Work required
With the line containing "CUT_EXTRUDE_1_DEPTH = 4" as the start and the line containing "with BuildSketch(Plane.XY, mode=Mode.PRIVATE)" as the end, transcribe that span of the entries below exactly, including both.

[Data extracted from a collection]

_ _ _ _ _

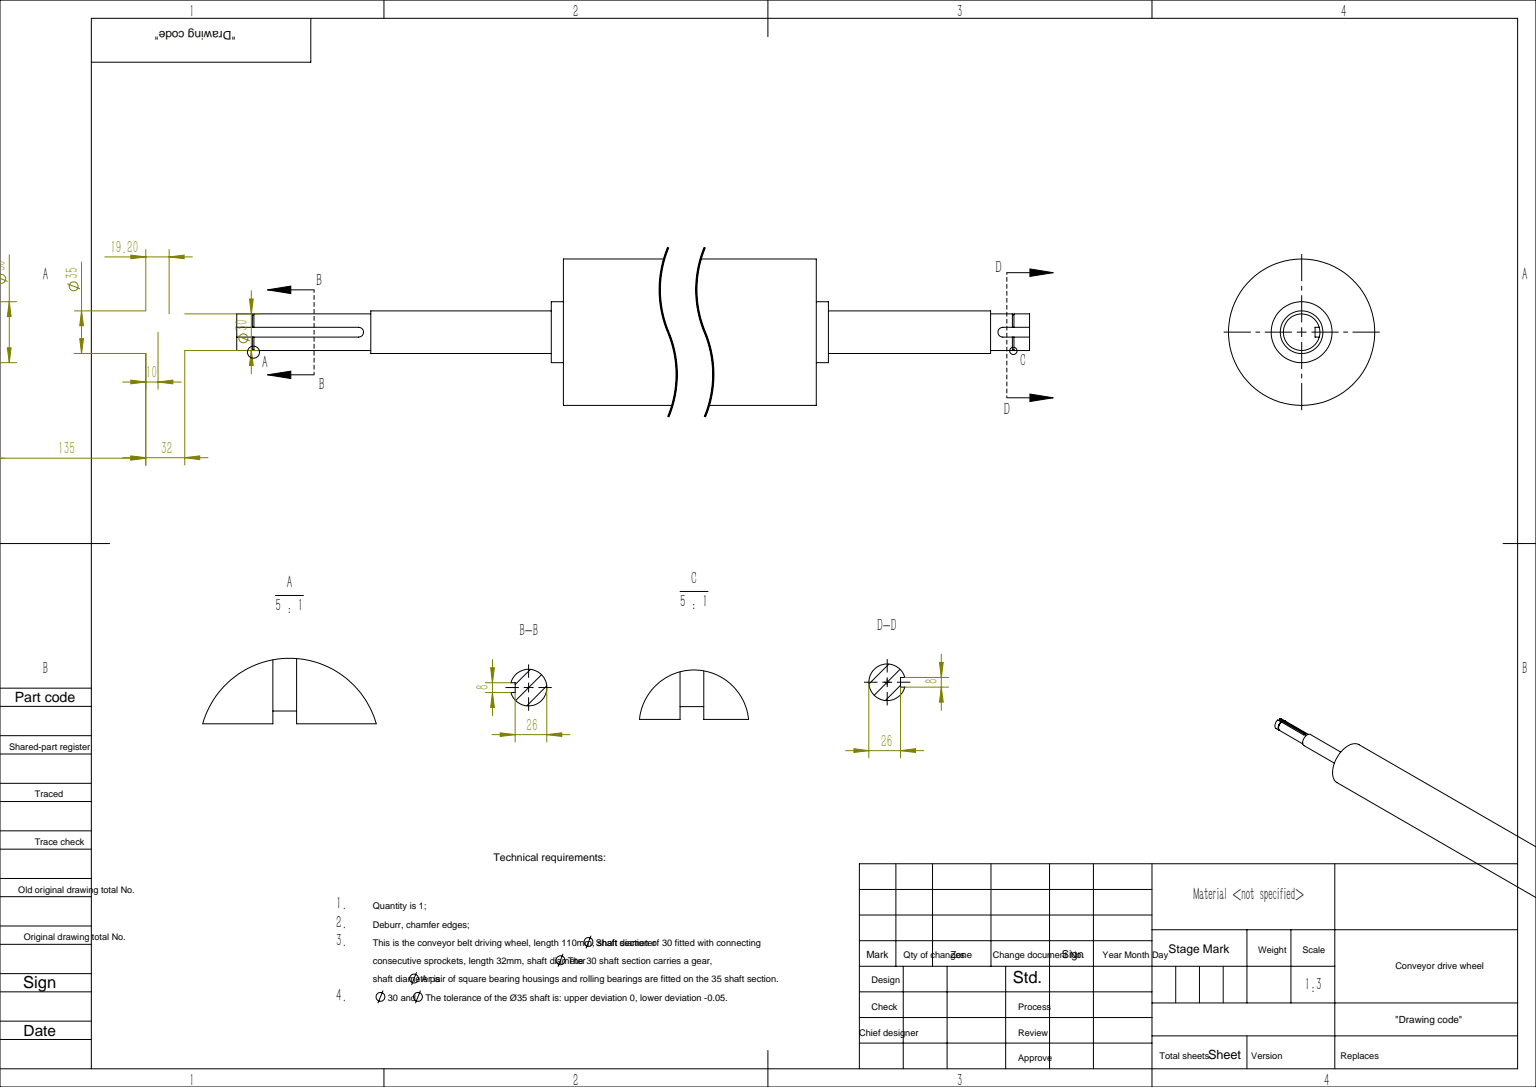
from build123d import *

# Parameters (mm, degrees)
CUT_EXTRUDE_1_DEPTH = 4
CUT_EXTRUDE_START   = -1.3
SKETCH_3_R          = 15
SKETCH_3_R_2        = 14.3
CUT_EXTRUDE_2_DEPTH = 1.3
CUT_EXTRUDE_3_DEPTH = 4
SKETCH_5_R          = 15
SKETCH_5_R_2        = 14.3
CUT_EXTRUDE_4_DEPTH = 1.3


with BuildPart() as part:
    # 草图1 → 旋转1 (revolve)
    with BuildSketch(Plane.XY, mode=Mode.PRIVATE) as revolve_1_sk:
        Polygon((0, 0), (0, 15), (110, 15), (110, 17.5), (258, 17.5), (258, 25), (268, 25), (268, 60), (1118, 60), (1118, 25), (1128, 25), (1128, 17.5), (1261, 17.5), (1261, 15), (1293, 15), (1293, 0), align=None)
    revolve(revolve_1_sk.sketch.rotate(Axis((0, 0, 0), (1, 0, 0)), 90), axis=Axis((0, 0, 0), (1, 0, 0)))

    # 草图2 → 切除-拉伸1 (cut)
    with BuildSketch(Plane(origin=(0, 15, 0), x_dir=(1, 0, 0), z_dir=(0, 1, 0))):
        with BuildLine():
            Line((100, 4), (-10, 4))
            Line((-10, 4), (-10, -4))
            Line((-10, -4), (100, -4))
            ThreePointArc((100, -4), (104, 0), (100, 4))
        make_face()
    extrude(amount=-CUT_EXTRUDE_1_DEPTH, mode=Mode.SUBTRACT)

    # 草图3 → 切除-拉伸2 (cut)
    with BuildSketch(Plane.ZY.offset(-12.8).offset(CUT_EXTRUDE_START)):
        Circle(SKETCH_3_R)
        Circle(SKETCH_3_R_2, mode=Mode.SUBTRACT)
    extrude(amount=CUT_EXTRUDE_2_DEPTH, mode=Mode.SUBTRACT)

    # 草图4 → 切除-拉伸3 (cut)
    with BuildSketch(Plane(origin=(0, 15, 0), x_dir=(1, 0, 0), z_dir=(0, 1, 0))):
        with BuildLine():
            Line((1271, 4), (1303, 4))
            Line((1303, 4), (1303, -4))
            Line((1303, -4), (1271, -4))
            ThreePointArc((1271, -4), (1267, 0), (1271, 4))
        make_face()
    extrude(amount=-CUT_EXTRUDE_3_DEPTH, mode=Mode.SUBTRACT)

    # 草图5 → 切除-拉伸4 (cut)
    with BuildSketch(Plane(origin=(1280.2, 0, 0), x_dir=(0, 0, -1), z_dir=(1, 0, 0))):
        with Locations(Location((0, 0, 0), (0, 0, 180))):
            Circle(SKETCH_5_R)
        Circle(SKETCH_5_R_2, mode=Mode.SUBTRACT)
    extrude(amount=-CUT_EXTRUDE_4_DEPTH, mode=Mode.SUBTRACT)


solid = part.part
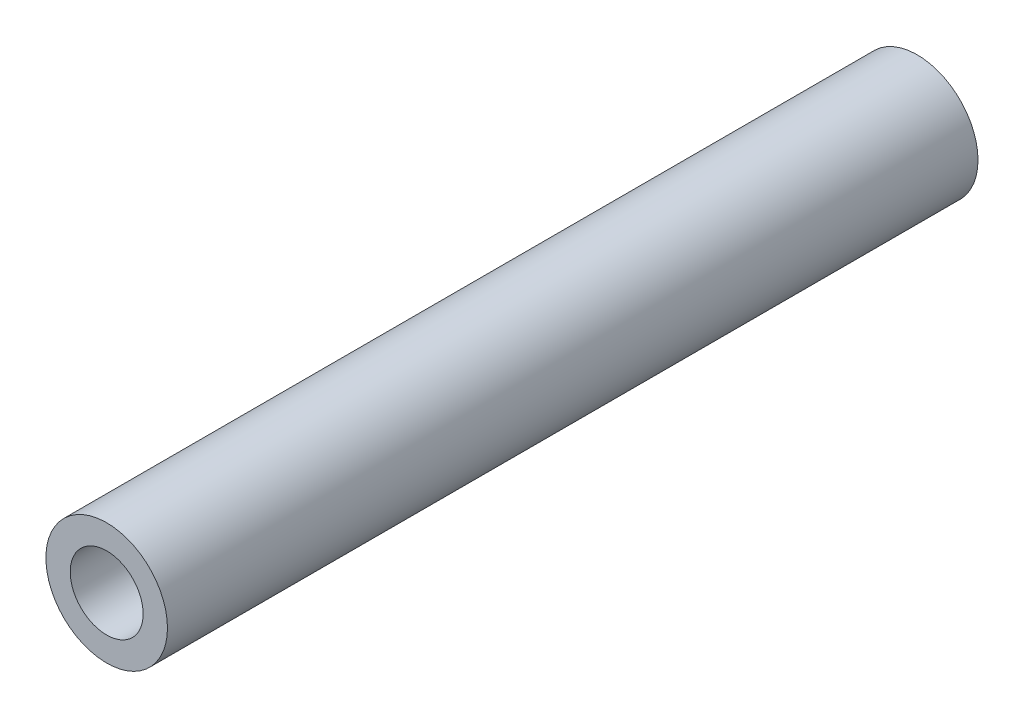
SolidWorks part; units mm, degrees
ref_plane "前视基准面" through (0, 0, 0) normal (0, 0, 1) x (1, 0, 0)
ref_plane "上视基准面" through (0, 0, 0) normal (0, 1, 0) x (1, 0, 0)
ref_plane "右视基准面" through (0, 0, 0) normal (1, 0, 0) x (0, 0, -1)
sketch "草图1" plane through (0, 0, 0) normal (0, 0, 1) x (1, 0, 0)
  circle A0 centre (0, 0) radius 1.5
  circle A1 centre (0, 0) radius 0.9
  dimension "D1" = 3
  dimension "D2" = 1.8
extrude "拉伸1" add sketch "草图1" along normal blind 20

_ _ _ _ _

Solution for this exercise
CUT_EXTRUDE_1_DEPTH = 4
CUT_EXTRUDE_START   = -1.3
SKETCH_3_R          = 15
SKETCH_3_R_2        = 14.3
CUT_EXTRUDE_2_DEPTH = 1.3
CUT_EXTRUDE_3_DEPTH = 4
SKETCH_5_R          = 15
SKETCH_5_R_2        = 14.3
CUT_EXTRUDE_4_DEPTH = 1.3


with BuildPart() as part:
    # 草图1 → 旋转1 (revolve)
    with BuildSketch(Plane.XY, mode=Mode.PRIVATE) as revolve_1_sk:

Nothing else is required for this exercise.